### Exercise
Among the records below, find the lines with the word "CIRCLE" and copy them.

*** Opening Given records ***

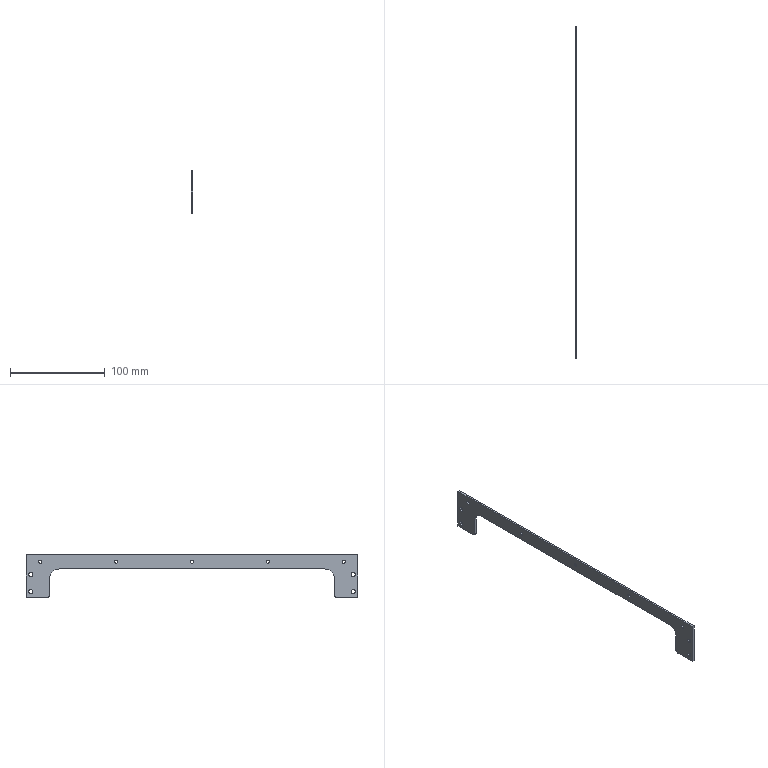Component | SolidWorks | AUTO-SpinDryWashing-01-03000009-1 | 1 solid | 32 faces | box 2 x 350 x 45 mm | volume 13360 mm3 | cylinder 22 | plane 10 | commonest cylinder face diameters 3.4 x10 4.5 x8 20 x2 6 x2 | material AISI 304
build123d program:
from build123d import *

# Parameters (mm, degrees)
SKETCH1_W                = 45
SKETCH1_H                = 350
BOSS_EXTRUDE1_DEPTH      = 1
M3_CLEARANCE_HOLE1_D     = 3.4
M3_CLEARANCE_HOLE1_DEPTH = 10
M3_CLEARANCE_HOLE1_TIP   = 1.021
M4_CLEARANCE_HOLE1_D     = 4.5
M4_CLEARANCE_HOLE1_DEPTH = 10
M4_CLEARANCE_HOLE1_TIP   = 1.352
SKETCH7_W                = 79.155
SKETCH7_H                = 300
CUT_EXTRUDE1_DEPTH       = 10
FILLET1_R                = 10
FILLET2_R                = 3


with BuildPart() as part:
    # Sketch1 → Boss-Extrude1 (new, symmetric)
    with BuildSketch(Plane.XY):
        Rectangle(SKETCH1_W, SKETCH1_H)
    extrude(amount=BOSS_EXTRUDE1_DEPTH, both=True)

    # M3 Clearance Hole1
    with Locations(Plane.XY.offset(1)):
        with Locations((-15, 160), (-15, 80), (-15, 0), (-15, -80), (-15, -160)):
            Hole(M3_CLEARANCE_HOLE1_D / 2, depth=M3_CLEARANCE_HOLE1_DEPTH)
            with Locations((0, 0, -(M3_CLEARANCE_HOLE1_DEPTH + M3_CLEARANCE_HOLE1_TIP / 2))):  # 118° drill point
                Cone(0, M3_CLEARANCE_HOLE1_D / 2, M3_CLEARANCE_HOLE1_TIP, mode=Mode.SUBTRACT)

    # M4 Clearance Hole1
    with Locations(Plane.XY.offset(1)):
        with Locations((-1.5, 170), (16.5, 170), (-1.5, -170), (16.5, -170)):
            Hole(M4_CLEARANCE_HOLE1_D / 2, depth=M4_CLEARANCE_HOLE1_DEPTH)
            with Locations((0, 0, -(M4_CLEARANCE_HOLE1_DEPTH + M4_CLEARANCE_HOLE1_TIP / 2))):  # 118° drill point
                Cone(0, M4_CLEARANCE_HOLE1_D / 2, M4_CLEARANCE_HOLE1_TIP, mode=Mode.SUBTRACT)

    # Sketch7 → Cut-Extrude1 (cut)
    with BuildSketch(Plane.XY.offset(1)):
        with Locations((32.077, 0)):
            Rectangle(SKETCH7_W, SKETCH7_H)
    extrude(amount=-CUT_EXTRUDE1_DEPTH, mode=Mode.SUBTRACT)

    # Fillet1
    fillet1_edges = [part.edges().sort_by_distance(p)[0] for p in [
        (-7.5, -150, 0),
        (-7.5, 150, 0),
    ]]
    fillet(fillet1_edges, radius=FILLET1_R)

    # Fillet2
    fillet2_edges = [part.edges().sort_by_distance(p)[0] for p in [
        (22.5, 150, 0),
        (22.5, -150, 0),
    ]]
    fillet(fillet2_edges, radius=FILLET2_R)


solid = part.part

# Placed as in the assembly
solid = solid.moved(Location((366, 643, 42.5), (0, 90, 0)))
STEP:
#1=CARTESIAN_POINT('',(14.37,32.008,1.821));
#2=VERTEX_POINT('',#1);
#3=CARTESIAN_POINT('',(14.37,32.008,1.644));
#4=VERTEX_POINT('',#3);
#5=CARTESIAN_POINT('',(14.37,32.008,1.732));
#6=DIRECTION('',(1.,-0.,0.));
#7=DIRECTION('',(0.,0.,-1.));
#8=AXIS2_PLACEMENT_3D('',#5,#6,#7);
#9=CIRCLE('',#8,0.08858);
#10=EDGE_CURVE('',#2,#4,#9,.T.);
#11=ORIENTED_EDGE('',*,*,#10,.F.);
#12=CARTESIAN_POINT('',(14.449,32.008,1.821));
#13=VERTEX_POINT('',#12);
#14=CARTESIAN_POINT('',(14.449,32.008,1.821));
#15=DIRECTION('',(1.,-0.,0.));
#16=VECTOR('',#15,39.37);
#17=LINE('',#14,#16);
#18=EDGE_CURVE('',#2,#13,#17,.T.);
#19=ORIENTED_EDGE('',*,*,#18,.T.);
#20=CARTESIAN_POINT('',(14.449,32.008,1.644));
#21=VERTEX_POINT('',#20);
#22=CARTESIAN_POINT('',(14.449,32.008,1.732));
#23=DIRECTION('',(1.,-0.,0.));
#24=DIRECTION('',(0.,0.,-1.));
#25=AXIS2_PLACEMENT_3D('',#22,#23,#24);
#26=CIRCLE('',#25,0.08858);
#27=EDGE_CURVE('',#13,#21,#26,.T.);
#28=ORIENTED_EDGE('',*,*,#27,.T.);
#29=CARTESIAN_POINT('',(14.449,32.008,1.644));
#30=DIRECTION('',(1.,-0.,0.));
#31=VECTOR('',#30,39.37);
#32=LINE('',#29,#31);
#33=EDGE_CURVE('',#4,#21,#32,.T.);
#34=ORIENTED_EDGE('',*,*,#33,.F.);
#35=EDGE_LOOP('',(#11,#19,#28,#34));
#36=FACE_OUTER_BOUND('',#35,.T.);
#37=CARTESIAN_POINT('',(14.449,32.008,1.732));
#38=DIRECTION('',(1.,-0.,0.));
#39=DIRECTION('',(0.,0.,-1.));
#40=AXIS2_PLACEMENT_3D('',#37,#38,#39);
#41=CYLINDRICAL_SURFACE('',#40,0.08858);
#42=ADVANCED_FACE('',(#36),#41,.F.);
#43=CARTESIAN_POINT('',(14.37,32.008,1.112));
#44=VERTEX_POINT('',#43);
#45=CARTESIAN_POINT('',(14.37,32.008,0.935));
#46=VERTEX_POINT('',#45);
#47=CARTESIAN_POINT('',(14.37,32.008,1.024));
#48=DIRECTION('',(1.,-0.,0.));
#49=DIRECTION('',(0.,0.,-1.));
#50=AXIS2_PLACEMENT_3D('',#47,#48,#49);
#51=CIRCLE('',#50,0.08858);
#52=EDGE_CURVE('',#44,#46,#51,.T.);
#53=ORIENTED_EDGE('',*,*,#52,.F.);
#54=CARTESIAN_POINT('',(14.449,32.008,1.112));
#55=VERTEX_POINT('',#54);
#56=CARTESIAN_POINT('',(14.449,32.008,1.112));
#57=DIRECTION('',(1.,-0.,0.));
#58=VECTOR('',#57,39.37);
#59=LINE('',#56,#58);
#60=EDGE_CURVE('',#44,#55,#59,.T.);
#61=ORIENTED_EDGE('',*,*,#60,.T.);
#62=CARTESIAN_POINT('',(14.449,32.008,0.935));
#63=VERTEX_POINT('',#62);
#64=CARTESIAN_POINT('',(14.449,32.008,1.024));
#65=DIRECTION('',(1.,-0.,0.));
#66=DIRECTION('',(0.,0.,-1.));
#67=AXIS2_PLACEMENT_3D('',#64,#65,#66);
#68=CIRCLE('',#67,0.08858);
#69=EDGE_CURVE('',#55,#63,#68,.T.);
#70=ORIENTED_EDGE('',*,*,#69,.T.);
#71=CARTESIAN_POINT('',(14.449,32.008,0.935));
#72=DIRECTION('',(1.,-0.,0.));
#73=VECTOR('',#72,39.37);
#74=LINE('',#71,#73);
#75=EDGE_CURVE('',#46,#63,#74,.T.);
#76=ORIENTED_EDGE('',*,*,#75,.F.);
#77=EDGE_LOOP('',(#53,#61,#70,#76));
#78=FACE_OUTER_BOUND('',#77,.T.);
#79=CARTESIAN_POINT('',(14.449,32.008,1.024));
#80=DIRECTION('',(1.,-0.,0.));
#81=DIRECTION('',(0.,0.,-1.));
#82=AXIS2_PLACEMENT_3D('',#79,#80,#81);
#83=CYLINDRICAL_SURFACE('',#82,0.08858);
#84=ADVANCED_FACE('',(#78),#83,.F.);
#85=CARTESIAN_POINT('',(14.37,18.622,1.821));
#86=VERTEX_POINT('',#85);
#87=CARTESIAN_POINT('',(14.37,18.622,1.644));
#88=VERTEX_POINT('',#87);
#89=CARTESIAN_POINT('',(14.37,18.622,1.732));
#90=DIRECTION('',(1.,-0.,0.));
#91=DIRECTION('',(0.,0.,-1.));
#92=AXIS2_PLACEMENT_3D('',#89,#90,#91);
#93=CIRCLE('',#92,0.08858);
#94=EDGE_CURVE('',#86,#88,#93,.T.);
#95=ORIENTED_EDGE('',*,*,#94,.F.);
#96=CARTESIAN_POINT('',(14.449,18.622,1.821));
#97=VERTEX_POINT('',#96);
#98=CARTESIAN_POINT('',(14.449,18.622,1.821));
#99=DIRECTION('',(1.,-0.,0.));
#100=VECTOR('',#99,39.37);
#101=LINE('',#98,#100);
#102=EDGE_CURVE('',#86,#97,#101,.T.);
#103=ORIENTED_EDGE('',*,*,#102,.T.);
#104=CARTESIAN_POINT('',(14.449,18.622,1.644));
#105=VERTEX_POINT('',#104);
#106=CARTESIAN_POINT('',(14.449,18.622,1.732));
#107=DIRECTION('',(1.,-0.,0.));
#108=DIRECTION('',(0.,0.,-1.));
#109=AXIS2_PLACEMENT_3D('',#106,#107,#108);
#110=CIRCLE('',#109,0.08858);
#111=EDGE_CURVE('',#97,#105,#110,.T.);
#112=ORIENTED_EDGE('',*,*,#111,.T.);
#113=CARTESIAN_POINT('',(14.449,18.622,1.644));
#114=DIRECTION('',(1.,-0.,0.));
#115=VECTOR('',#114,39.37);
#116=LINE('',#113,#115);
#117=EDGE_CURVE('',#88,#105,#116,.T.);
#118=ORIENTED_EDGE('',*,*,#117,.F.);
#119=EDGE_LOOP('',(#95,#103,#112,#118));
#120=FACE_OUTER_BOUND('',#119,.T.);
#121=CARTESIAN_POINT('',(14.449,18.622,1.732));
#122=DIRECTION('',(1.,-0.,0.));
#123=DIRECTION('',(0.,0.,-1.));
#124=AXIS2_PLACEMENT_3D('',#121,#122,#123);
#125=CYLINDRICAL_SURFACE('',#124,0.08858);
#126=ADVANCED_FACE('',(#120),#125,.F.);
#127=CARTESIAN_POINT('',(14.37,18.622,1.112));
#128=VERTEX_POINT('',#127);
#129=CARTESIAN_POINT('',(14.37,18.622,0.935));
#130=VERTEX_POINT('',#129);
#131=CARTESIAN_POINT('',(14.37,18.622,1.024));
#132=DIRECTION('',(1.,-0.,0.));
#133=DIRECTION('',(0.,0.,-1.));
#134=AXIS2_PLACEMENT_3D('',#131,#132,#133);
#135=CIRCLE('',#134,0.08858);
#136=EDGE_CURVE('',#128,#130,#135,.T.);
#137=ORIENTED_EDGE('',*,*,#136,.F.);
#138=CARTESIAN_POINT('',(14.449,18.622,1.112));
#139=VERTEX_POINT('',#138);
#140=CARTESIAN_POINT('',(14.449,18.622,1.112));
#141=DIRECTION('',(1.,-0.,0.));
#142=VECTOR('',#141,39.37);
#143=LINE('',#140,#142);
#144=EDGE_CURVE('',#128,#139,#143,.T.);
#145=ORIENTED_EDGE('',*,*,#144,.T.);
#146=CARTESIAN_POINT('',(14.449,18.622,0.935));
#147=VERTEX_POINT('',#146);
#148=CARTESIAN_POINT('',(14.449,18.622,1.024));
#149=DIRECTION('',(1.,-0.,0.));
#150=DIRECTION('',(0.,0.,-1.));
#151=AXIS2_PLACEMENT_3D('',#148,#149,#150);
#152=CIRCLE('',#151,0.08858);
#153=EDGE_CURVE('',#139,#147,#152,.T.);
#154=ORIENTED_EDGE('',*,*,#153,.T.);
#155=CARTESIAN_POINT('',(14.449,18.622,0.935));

*** Closing Given records ***

### Final answer
#9=CIRCLE('',#8,0.08858);
#26=CIRCLE('',#25,0.08858);
#51=CIRCLE('',#50,0.08858);
#68=CIRCLE('',#67,0.08858);
#93=CIRCLE('',#92,0.08858);
#110=CIRCLE('',#109,0.08858);
#135=CIRCLE('',#134,0.08858);
#152=CIRCLE('',#151,0.08858);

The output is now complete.